_Problem to solve_.
Return the lines from the start of the data through the line with "from ifc_helpers import". Include both of those lines and no others.

* * *

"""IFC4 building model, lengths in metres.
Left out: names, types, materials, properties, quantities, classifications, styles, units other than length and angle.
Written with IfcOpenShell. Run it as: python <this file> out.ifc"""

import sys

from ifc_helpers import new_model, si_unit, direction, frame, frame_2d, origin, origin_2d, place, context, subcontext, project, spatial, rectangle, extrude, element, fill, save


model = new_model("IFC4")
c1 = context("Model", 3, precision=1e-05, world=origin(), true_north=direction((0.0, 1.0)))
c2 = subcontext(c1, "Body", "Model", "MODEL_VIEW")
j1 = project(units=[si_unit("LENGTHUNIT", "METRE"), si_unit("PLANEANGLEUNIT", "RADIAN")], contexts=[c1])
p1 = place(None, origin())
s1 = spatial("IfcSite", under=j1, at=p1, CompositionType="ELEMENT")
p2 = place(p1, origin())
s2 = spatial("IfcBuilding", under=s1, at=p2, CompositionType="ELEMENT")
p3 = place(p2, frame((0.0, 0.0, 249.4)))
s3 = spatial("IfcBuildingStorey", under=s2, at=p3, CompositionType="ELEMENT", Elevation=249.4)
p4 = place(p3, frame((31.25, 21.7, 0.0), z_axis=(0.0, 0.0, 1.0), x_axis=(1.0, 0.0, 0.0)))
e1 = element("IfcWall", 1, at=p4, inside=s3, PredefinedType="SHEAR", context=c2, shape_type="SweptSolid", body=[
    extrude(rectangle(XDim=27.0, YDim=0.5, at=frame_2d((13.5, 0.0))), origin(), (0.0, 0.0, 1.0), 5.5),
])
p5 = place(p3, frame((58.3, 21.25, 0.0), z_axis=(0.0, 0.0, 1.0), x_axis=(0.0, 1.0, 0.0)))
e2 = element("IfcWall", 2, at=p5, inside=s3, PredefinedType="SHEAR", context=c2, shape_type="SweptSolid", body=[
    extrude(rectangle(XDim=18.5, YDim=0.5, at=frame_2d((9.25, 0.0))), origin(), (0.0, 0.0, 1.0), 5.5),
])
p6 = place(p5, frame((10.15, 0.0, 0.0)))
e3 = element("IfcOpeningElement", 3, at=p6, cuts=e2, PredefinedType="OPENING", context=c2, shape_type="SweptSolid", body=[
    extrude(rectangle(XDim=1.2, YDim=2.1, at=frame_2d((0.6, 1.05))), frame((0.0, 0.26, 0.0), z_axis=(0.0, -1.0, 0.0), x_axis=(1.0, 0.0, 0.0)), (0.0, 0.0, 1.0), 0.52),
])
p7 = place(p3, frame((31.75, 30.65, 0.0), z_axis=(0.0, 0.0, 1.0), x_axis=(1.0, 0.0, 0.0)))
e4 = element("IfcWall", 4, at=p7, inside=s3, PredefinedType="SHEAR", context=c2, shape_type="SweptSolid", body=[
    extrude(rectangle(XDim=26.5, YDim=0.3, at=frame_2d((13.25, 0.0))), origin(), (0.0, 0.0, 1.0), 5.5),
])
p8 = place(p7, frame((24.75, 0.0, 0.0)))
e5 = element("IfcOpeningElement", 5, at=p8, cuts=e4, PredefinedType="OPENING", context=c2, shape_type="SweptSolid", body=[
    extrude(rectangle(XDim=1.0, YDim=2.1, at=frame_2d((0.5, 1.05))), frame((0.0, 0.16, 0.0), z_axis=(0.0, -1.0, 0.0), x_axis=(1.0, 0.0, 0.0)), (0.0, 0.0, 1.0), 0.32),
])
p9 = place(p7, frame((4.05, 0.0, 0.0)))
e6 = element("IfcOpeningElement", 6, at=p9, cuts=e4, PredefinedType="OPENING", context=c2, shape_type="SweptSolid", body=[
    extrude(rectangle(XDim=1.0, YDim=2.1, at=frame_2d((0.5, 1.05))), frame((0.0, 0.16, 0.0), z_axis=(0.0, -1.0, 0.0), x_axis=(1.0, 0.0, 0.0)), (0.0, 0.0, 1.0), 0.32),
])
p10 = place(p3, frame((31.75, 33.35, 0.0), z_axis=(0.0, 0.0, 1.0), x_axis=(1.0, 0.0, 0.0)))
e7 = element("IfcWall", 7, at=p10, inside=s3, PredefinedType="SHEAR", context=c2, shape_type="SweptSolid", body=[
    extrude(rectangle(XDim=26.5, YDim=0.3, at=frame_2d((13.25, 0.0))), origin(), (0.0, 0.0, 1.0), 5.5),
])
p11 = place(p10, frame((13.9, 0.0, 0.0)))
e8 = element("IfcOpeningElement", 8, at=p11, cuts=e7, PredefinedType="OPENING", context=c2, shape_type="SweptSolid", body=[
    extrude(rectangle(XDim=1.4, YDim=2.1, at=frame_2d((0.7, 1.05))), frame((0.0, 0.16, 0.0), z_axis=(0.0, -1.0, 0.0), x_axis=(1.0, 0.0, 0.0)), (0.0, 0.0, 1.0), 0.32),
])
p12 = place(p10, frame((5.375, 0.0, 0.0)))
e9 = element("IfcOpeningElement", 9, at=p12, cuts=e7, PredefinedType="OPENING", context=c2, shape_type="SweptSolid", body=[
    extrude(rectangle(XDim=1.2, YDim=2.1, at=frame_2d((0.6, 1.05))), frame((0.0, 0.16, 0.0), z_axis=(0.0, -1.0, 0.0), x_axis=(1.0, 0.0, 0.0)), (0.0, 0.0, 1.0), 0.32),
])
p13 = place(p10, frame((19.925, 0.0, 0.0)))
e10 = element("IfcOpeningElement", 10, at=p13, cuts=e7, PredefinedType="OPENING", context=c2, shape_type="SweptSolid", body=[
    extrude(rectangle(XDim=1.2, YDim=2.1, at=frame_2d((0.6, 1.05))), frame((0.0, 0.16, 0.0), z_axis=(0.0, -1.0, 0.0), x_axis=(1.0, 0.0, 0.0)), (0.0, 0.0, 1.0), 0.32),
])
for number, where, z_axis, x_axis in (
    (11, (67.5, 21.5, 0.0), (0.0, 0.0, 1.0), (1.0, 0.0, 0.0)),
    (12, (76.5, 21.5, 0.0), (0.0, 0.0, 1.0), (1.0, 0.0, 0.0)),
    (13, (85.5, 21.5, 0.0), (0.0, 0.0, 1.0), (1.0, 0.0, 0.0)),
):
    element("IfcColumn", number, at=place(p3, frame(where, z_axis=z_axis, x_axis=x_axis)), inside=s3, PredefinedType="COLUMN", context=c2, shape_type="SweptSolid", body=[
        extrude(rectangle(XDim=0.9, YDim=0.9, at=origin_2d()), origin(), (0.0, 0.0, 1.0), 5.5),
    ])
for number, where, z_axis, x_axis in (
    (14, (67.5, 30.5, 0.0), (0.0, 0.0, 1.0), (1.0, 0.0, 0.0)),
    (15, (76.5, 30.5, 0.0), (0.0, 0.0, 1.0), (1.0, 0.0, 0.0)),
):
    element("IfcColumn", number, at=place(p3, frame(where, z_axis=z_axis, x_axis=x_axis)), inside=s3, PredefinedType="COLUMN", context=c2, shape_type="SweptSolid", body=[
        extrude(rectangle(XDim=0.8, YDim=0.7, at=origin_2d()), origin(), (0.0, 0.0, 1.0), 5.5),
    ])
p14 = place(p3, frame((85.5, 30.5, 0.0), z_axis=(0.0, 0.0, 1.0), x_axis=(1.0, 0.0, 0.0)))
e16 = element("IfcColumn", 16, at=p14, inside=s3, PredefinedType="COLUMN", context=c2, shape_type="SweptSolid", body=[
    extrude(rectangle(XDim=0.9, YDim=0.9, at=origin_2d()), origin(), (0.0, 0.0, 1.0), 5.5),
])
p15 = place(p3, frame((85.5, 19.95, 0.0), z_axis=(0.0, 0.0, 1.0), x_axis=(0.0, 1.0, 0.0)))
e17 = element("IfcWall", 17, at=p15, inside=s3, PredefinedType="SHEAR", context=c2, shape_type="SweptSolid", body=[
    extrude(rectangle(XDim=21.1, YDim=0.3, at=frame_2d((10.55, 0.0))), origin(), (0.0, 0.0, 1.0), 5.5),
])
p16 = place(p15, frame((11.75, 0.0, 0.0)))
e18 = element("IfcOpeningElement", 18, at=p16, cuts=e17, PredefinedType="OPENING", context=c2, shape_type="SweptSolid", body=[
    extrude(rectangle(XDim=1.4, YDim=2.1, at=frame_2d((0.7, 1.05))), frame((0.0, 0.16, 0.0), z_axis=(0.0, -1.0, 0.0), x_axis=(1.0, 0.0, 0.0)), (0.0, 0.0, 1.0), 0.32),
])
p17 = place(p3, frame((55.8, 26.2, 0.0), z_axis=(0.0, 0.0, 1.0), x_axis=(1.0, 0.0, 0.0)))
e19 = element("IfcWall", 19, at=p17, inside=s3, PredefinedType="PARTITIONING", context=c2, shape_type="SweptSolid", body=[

* * *

_Written answer_.
"""IFC4 building model, lengths in metres.
Left out: names, types, materials, properties, quantities, classifications, styles, units other than length and angle.
Written with IfcOpenShell. Run it as: python <this file> out.ifc"""

import sys

from ifc_helpers import new_model, si_unit, direction, frame, frame_2d, origin, origin_2d, place, context, subcontext, project, spatial, rectangle, extrude, element, fill, save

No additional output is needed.